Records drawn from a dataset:
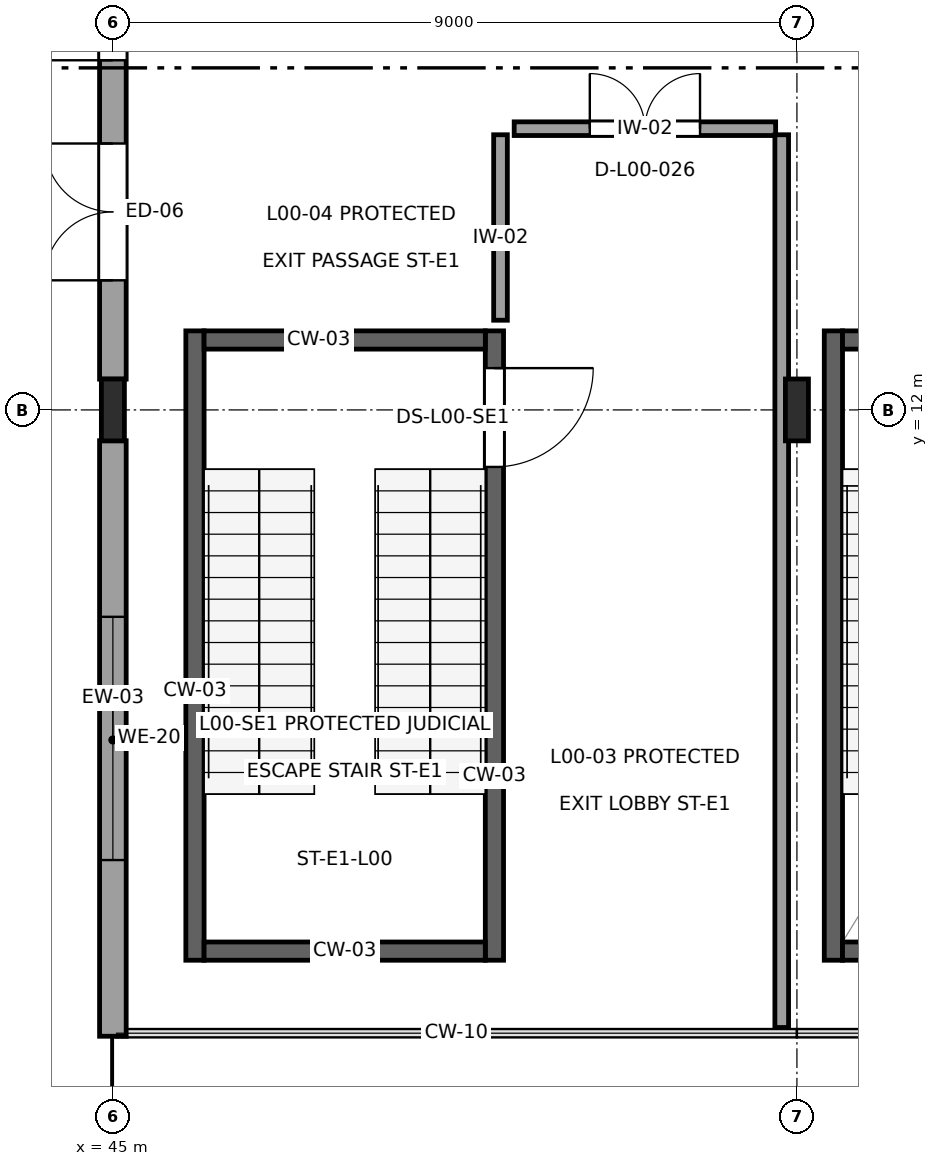
"""IFC4 building model, lengths in metres.
Left out: names, types, materials, properties, quantities, classifications, styles, units other than length and angle.
Written with IfcOpenShell. Run it as: python <this file> out.ifc"""

import sys

from ifc_helpers import new_model, si_unit, direction, frame, frame_2d, origin, origin_2d, place, context, subcontext, project, spatial, rectangle, i_section, extrude, element, fill, save


model = new_model("IFC4")
c1 = context("Model", 3, precision=1e-05, world=origin(), true_north=direction((0.0, 1.0)))
c2 = subcontext(c1, "Body", "Model", "MODEL_VIEW")
j1 = project(units=[si_unit("LENGTHUNIT", "METRE"), si_unit("PLANEANGLEUNIT", "RADIAN")], contexts=[c1])
p1 = place(None, origin())
s1 = spatial("IfcSite", under=j1, at=p1, CompositionType="ELEMENT")
p2 = place(p1, origin())
s2 = spatial("IfcBuilding", under=s1, at=p2, CompositionType="ELEMENT")
p3 = place(p2, origin())
s3 = spatial("IfcBuildingStorey", under=s2, at=p3, CompositionType="ELEMENT", Elevation=0.0)
for number, where, z_axis, x_axis in (
    (1, (45.0, 12.0, 0.0), (0.0, 0.0, 1.0), (1.0, 0.0, 0.0)),
    (2, (54.0, 12.0, 0.0), (0.0, 0.0, 1.0), (1.0, 0.0, 0.0)),
):
    element("IfcColumn", number, at=place(p3, frame(where, z_axis=z_axis, x_axis=x_axis)), inside=s3, PredefinedType="COLUMN", context=c2, shape_type="SweptSolid", body=[
        extrude(i_section(OverallWidth=0.303, OverallDepth=0.814, WebThickness=0.021, FlangeThickness=0.04, at=origin_2d()), origin(), (0.0, 0.0, 1.0), 5.4),
    ])
p4 = place(p3, frame((45.0, 23.595, 0.0), z_axis=(0.0, 0.0, 1.0), x_axis=(0.0, -1.0, 0.0)))
e3 = element("IfcWall", 3, at=p4, inside=s3, PredefinedType="SOLIDWALL", context=c2, shape_type="SweptSolid", body=[
    extrude(rectangle(XDim=11.19, YDim=0.35, at=frame_2d((5.595, 0.0))), origin(), (0.0, 0.0, 1.0), 4.725),
])
p5 = place(p4, frame((4.595, 0.0, 0.0)))
e4 = element("IfcOpeningElement", 4, at=p5, cuts=e3, PredefinedType="OPENING", context=c2, shape_type="SweptSolid", body=[
    extrude(rectangle(XDim=2.4, YDim=2.8, at=frame_2d((1.2, 1.4))), frame((0.0, 0.19, 0.0), z_axis=(0.0, -1.0, 0.0), x_axis=(1.0, 0.0, 0.0)), (0.0, 0.0, 1.0), 0.38),
])
p6 = place(p4, frame((8.09, 0.0, 0.0)))
e5 = element("IfcOpeningElement", 5, at=p6, cuts=e3, PredefinedType="OPENING", context=c2, shape_type="SweptSolid", body=[
    extrude(rectangle(XDim=1.8, YDim=2.4, at=frame_2d((0.9, 1.2))), frame((0.0, 0.19, 0.0), z_axis=(0.0, -1.0, 0.0), x_axis=(1.0, 0.0, 0.0)), (0.0, 0.0, 1.0), 0.38),
])
p7 = place(p3, frame((45.0, 11.595, 0.0), z_axis=(0.0, 0.0, 1.0), x_axis=(0.0, -1.0, 0.0)))
e6 = element("IfcWall", 6, at=p7, inside=s3, PredefinedType="SOLIDWALL", context=c2, shape_type="SweptSolid", body=[
    extrude(rectangle(XDim=7.835, YDim=0.35, at=frame_2d((3.917, 0.0))), origin(), (0.0, 0.0, 1.0), 4.725),
])
p8 = place(p7, frame((2.317, 0.0, 0.85)))
e7 = element("IfcOpeningElement", 7, at=p8, cuts=e6, PredefinedType="OPENING", context=c2, shape_type="SweptSolid", body=[
    extrude(rectangle(XDim=3.2, YDim=1.8, at=frame_2d((1.6, 0.9))), frame((0.0, 0.19, 0.0), z_axis=(0.0, -1.0, 0.0), x_axis=(1.0, 0.0, 0.0)), (0.0, 0.0, 1.0), 0.38),
])
p9 = place(p3, frame((54.48, 4.76, 0.0), z_axis=(0.0, 0.0, 1.0), x_axis=(0.0, 1.0, 0.0)))
e8 = element("IfcWall", 8, at=p9, inside=s3, PredefinedType="SHEAR", context=c2, shape_type="SweptSolid", body=[
    extrude(rectangle(XDim=8.28, YDim=0.24, at=frame_2d((4.14, 0.0))), origin(), (0.0, 0.0, 1.0), 5.21),
])
for number, where, z_axis, x_axis in (
    (9, (54.6, 4.88, 0.0), (0.0, 0.0, 1.0), (1.0, 0.0, 0.0)),
    (10, (54.6, 12.92, 0.0), (0.0, 0.0, 1.0), (1.0, 0.0, 0.0)),
):
    element("IfcWall", number, at=place(p3, frame(where, z_axis=z_axis, x_axis=x_axis)), inside=s3, PredefinedType="SHEAR", context=c2, shape_type="SweptSolid", body=[
        extrude(rectangle(XDim=3.7, YDim=0.24, at=frame_2d((1.85, 0.0))), origin(), (0.0, 0.0, 1.0), 5.21),
    ])
p10 = place(p3, frame((46.08, 4.76, 0.0), z_axis=(0.0, 0.0, 1.0), x_axis=(0.0, 1.0, 0.0)))
e11 = element("IfcWall", 11, at=p10, inside=s3, PredefinedType="SHEAR", context=c2, shape_type="SweptSolid", body=[
    extrude(rectangle(XDim=8.28, YDim=0.24, at=frame_2d((4.14, 0.0))), origin(), (0.0, 0.0, 1.0), 5.21),
])
p11 = place(p3, frame((50.02, 4.76, 0.0), z_axis=(0.0, 0.0, 1.0), x_axis=(0.0, 1.0, 0.0)))
e12 = element("IfcWall", 12, at=p11, inside=s3, PredefinedType="SHEAR", context=c2, shape_type="SweptSolid", body=[
    extrude(rectangle(XDim=8.28, YDim=0.24, at=frame_2d((4.14, 0.0))), origin(), (0.0, 0.0, 1.0), 5.21),
])
p12 = place(p11, frame((6.49, 0.0, 0.0)))
e13 = element("IfcOpeningElement", 13, at=p12, cuts=e12, PredefinedType="OPENING", context=c2, shape_type="SweptSolid", body=[
    extrude(rectangle(XDim=1.3, YDim=2.2, at=frame_2d((0.65, 1.1))), frame((0.0, 0.135, 0.0), z_axis=(0.0, -1.0, 0.0), x_axis=(1.0, 0.0, 0.0)), (0.0, 0.0, 1.0), 0.27),
])
for number, where, z_axis, x_axis in (
    (14, (46.2, 4.88, 0.0), (0.0, 0.0, 1.0), (1.0, 0.0, 0.0)),
    (15, (46.2, 12.92, 0.0), (0.0, 0.0, 1.0), (1.0, 0.0, 0.0)),
):
    element("IfcWall", number, at=place(p3, frame(where, z_axis=z_axis, x_axis=x_axis)), inside=s3, PredefinedType="SHEAR", context=c2, shape_type="SweptSolid", body=[
        extrude(rectangle(XDim=3.7, YDim=0.24, at=frame_2d((1.85, 0.0))), origin(), (0.0, 0.0, 1.0), 5.21),
    ])
p13 = place(p3, frame((50.28, 15.7, 0.0), z_axis=(0.0, 0.0, 1.0), x_axis=(1.0, 0.0, 0.0)))
e16 = element("IfcWall", 16, at=p13, inside=s3, PredefinedType="PARTITIONING", context=c2, shape_type="SweptSolid", body=[
    extrude(rectangle(XDim=3.44, YDim=0.18, at=frame_2d((1.72, 0.0))), origin(), (0.0, 0.0, 1.0), 5.04),
])
p14 = place(p13, frame((0.995, 0.0, 0.0)))
e17 = element("IfcOpeningElement", 17, at=p14, cuts=e16, PredefinedType="OPENING", context=c2, shape_type="SweptSolid", body=[
    extrude(rectangle(XDim=1.45, YDim=2.2, at=frame_2d((0.725, 1.1))), frame((0.0, 0.105, 0.0), z_axis=(0.0, -1.0, 0.0), x_axis=(1.0, 0.0, 0.0)), (0.0, 0.0, 1.0), 0.21),
])
p15 = place(p3, frame((53.8, 15.62, 0.0), z_axis=(0.0, 0.0, 1.0), x_axis=(0.0, -1.0, 0.0)))
e18 = element("IfcWall", 18, at=p15, inside=s3, PredefinedType="PARTITIONING", context=c2, shape_type="SweptSolid", body=[
    extrude(rectangle(XDim=11.745, YDim=0.18, at=frame_2d((5.873, 0.0))), origin(), (0.0, 0.0, 1.0), 4.685),
])
p16 = place(p3, frame((50.1, 15.62, 0.0), z_axis=(0.0, 0.0, 1.0), x_axis=(0.0, -1.0, 0.0)))
e19 = element("IfcWall", 19, at=p16, inside=s3, PredefinedType="PARTITIONING", context=c2, shape_type="SweptSolid", body=[
    extrude(rectangle(XDim=2.44, YDim=0.18, at=frame_2d((1.22, 0.0))), origin(), (0.0, 0.0, 1.0), 5.04),
])
p17 = place(p5, frame((2.4, 0.0, 0.0), z_axis=(0.0, 0.0, 1.0), x_axis=(-1.0, 0.0, 0.0)))
e20 = element("IfcDoor", 20, at=p17, inside=s3, OperationType="DOUBLE_DOOR_SINGLE_SWING", PredefinedType="DOOR", context=c2, shape_type="SweptSolid", body=[
    extrude(rectangle(XDim=2.4, YDim=2.8, at=frame_2d((1.2, 1.4))), frame((0.0, 0.025, 0.0), z_axis=(0.0, -1.0, 0.0), x_axis=(1.0, 0.0, 0.0)), (0.0, 0.0, 1.0), 0.05),
])
fill(e4, e20)
p18 = place(p6, frame((1.8, 0.0, 0.0), z_axis=(0.0, 0.0, 1.0), x_axis=(-1.0, 0.0, 0.0)))
e21 = element("IfcDoor", 21, at=p18, inside=s3, OperationType="DOUBLE_DOOR_SINGLE_SWING", PredefinedType="DOOR", context=c2, shape_type="SweptSolid", body=[
    extrude(rectangle(XDim=1.8, YDim=2.4, at=frame_2d((0.9, 1.2))), frame((0.0, 0.025, 0.0), z_axis=(0.0, -1.0, 0.0), x_axis=(1.0, 0.0, 0.0)), (0.0, 0.0, 1.0), 0.05),
])
fill(e5, e21)
p19 = place(p8, origin())
e22 = element("IfcWindow", 22, at=p19, inside=s3, PartitioningType="SINGLE_PANEL", PredefinedType="WINDOW", context=c2, shape_type="SweptSolid", body=[
    extrude(rectangle(XDim=3.2, YDim=1.8, at=frame_2d((1.6, 0.9))), frame((0.0, 0.03, 0.0), z_axis=(0.0, -1.0, 0.0), x_axis=(1.0, 0.0, 0.0)), (0.0, 0.0, 1.0), 0.06),
])
fill(e7, e22)
p20 = place(p12, frame((1.3, 0.0, 0.0), z_axis=(0.0, 0.0, 1.0), x_axis=(-1.0, 0.0, 0.0)))
e23 = element("IfcDoor", 23, at=p20, inside=s3, OperationType="SINGLE_SWING_RIGHT", PredefinedType="DOOR", context=c2, shape_type="SweptSolid", body=[
    extrude(rectangle(XDim=1.3, YDim=2.2, at=frame_2d((0.65, 1.1))), frame((0.0, 0.025, 0.0), z_axis=(0.0, -1.0, 0.0), x_axis=(1.0, 0.0, 0.0)), (0.0, 0.0, 1.0), 0.05),
])
fill(e13, e23)
p21 = place(p14, origin())
e24 = element("IfcDoor", 24, at=p21, inside=s3, OperationType="DOUBLE_DOOR_SINGLE_SWING", PredefinedType="DOOR", context=c2, shape_type="SweptSolid", body=[
    extrude(rectangle(XDim=1.45, YDim=2.2, at=frame_2d((0.725, 1.1))), frame((0.0, 0.025, 0.0), z_axis=(0.0, -1.0, 0.0), x_axis=(1.0, 0.0, 0.0)), (0.0, 0.0, 1.0), 0.05),
])
fill(e17, e24)
save(model, sys.argv[1])

WORK TO COMPLETE |
Above are the records; copy every line in them that holds the word "DOOR".

RESULT |
e20 = element("IfcDoor", 20, at=p17, inside=s3, OperationType="DOUBLE_DOOR_SINGLE_SWING", PredefinedType="DOOR", context=c2, shape_type="SweptSolid", body=[
e21 = element("IfcDoor", 21, at=p18, inside=s3, OperationType="DOUBLE_DOOR_SINGLE_SWING", PredefinedType="DOOR", context=c2, shape_type="SweptSolid", body=[
e23 = element("IfcDoor", 23, at=p20, inside=s3, OperationType="SINGLE_SWING_RIGHT", PredefinedType="DOOR", context=c2, shape_type="SweptSolid", body=[
e24 = element("IfcDoor", 24, at=p21, inside=s3, OperationType="DOUBLE_DOOR_SINGLE_SWING", PredefinedType="DOOR", context=c2, shape_type="SweptSolid", body=[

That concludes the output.